# What you are asked to do
In the records below, find each line that holds "CompositionType" and return it.

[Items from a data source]
◇ ◇ ◇ ◇

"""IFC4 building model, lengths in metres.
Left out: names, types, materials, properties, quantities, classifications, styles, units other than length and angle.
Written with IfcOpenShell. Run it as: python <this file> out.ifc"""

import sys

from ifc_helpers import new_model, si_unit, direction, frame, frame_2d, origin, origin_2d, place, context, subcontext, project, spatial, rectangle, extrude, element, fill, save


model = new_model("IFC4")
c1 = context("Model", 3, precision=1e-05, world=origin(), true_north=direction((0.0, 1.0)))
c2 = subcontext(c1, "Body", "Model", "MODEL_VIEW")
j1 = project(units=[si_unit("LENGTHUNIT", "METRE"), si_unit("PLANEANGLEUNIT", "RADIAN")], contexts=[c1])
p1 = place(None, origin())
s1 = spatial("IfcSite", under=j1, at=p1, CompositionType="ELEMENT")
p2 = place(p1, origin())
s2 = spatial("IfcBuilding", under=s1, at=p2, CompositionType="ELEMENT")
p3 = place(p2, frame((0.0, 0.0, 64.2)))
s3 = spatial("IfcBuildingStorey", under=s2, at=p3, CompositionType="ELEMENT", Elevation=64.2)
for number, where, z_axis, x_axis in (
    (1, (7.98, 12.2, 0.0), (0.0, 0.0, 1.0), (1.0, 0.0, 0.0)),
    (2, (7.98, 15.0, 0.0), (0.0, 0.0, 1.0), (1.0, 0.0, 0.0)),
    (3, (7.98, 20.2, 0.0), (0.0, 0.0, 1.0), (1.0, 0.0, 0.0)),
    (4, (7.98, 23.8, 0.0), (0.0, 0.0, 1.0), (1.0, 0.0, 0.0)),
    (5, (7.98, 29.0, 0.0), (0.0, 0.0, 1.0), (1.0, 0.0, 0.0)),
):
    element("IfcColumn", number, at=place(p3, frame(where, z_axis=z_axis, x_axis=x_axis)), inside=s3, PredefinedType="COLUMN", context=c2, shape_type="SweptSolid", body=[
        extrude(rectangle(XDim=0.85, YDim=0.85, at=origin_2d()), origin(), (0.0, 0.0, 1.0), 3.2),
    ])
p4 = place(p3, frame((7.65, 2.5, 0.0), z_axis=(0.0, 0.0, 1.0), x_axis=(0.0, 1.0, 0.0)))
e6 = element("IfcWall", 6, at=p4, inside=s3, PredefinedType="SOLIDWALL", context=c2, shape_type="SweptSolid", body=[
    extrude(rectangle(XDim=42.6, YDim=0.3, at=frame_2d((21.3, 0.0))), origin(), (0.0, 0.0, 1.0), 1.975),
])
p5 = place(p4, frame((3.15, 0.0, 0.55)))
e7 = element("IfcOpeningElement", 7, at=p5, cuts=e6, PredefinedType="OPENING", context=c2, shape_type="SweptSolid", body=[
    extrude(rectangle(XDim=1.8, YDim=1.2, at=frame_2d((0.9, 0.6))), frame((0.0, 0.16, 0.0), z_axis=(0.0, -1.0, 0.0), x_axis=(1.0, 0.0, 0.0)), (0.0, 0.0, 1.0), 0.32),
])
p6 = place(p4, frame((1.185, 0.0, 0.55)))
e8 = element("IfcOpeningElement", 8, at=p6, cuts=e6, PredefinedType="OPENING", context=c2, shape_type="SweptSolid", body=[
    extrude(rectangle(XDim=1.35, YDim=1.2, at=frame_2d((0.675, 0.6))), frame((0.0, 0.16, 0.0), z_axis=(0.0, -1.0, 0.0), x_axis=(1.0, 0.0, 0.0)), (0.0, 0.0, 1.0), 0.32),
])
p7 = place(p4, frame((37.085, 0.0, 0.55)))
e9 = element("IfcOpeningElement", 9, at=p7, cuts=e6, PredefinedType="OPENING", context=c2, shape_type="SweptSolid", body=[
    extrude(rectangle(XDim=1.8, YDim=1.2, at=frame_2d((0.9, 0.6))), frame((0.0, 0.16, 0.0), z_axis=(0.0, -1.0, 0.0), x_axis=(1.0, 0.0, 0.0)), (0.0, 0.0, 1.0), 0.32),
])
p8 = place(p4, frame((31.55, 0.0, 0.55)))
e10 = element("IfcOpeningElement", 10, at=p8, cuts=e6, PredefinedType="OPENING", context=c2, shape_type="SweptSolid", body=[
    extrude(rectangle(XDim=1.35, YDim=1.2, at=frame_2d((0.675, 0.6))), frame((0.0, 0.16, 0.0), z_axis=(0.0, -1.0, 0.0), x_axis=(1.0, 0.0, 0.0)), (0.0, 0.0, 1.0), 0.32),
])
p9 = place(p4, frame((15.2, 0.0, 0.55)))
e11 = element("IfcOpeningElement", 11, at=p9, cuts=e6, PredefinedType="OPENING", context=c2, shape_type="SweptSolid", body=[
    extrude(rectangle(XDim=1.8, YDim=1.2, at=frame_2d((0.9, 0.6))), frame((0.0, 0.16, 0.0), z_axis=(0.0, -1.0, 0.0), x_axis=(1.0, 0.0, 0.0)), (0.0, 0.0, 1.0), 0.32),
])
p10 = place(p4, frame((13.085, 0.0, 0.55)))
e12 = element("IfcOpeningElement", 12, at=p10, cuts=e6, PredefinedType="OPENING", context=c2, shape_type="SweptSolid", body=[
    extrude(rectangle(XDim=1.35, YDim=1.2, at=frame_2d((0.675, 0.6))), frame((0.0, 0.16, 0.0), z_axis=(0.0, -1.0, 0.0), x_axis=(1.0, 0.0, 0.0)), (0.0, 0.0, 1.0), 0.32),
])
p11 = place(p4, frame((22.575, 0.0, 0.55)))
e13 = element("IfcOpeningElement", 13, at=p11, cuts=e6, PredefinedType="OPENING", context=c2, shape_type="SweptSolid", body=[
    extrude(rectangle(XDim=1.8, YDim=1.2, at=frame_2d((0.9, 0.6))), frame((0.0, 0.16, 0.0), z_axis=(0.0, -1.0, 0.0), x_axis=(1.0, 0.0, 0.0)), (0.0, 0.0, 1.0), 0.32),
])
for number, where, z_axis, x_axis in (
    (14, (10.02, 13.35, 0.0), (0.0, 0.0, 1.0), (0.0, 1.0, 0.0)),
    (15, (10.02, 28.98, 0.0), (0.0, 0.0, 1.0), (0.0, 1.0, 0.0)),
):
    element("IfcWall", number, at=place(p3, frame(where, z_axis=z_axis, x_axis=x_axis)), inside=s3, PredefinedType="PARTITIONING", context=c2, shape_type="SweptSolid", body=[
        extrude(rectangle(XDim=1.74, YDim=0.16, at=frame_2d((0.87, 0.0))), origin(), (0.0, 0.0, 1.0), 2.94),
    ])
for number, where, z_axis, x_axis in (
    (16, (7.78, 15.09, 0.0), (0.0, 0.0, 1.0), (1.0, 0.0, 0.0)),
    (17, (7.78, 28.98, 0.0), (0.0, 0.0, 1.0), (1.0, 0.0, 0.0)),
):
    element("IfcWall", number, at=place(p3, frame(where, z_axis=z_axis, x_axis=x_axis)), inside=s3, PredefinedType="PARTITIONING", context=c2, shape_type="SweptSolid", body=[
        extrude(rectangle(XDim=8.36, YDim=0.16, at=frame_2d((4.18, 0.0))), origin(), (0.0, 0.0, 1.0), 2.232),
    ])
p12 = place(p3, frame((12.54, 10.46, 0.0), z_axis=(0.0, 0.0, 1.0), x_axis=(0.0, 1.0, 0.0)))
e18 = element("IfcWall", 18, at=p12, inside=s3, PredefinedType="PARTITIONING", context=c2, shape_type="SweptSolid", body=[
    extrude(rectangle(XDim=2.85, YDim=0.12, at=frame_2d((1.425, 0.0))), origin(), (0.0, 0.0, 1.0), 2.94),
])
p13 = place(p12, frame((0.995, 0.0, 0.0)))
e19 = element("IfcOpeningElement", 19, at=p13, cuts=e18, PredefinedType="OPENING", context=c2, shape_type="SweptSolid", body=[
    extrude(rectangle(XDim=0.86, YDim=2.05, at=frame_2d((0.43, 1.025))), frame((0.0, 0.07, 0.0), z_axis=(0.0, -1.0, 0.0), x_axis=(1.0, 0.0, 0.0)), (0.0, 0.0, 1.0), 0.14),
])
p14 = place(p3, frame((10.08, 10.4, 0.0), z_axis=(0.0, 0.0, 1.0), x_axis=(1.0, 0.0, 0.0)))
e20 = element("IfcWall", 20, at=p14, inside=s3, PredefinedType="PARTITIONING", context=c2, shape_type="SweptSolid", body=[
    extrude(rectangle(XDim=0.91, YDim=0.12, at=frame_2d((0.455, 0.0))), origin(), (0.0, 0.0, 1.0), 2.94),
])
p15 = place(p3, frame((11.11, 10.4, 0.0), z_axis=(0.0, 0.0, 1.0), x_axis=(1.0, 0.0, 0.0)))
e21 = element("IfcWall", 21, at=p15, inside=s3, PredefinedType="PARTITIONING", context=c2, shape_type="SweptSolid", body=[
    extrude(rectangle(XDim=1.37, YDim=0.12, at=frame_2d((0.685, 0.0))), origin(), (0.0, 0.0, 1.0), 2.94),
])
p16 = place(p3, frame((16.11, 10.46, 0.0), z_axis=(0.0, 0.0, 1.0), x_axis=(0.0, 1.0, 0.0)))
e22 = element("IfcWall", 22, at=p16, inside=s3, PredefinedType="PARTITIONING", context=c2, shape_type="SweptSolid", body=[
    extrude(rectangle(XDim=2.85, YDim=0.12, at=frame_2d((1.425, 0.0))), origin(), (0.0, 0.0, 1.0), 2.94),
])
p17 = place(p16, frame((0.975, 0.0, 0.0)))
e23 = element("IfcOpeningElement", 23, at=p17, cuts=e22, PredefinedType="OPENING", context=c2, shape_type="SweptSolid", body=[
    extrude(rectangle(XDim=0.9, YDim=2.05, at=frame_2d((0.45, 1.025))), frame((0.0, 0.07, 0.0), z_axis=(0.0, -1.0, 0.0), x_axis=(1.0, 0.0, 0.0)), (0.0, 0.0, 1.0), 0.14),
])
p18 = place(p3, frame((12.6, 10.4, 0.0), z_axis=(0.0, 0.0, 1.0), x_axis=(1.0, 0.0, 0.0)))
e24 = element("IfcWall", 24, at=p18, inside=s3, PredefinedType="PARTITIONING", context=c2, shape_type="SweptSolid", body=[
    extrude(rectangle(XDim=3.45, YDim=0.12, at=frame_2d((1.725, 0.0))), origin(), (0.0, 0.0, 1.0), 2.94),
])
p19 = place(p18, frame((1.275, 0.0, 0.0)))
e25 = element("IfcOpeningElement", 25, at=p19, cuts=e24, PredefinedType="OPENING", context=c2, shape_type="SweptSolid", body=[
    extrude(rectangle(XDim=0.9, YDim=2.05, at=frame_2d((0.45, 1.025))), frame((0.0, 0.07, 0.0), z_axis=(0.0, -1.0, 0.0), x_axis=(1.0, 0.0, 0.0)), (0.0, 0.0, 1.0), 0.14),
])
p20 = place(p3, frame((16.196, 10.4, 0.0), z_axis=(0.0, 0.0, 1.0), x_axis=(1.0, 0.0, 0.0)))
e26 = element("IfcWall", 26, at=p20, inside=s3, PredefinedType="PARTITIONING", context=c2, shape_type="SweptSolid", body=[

◇ ◇ ◇ ◇

# Output for this exercise
s1 = spatial("IfcSite", under=j1, at=p1, CompositionType="ELEMENT")
s2 = spatial("IfcBuilding", under=s1, at=p2, CompositionType="ELEMENT")
s3 = spatial("IfcBuildingStorey", under=s2, at=p3, CompositionType="ELEMENT", Elevation=64.2)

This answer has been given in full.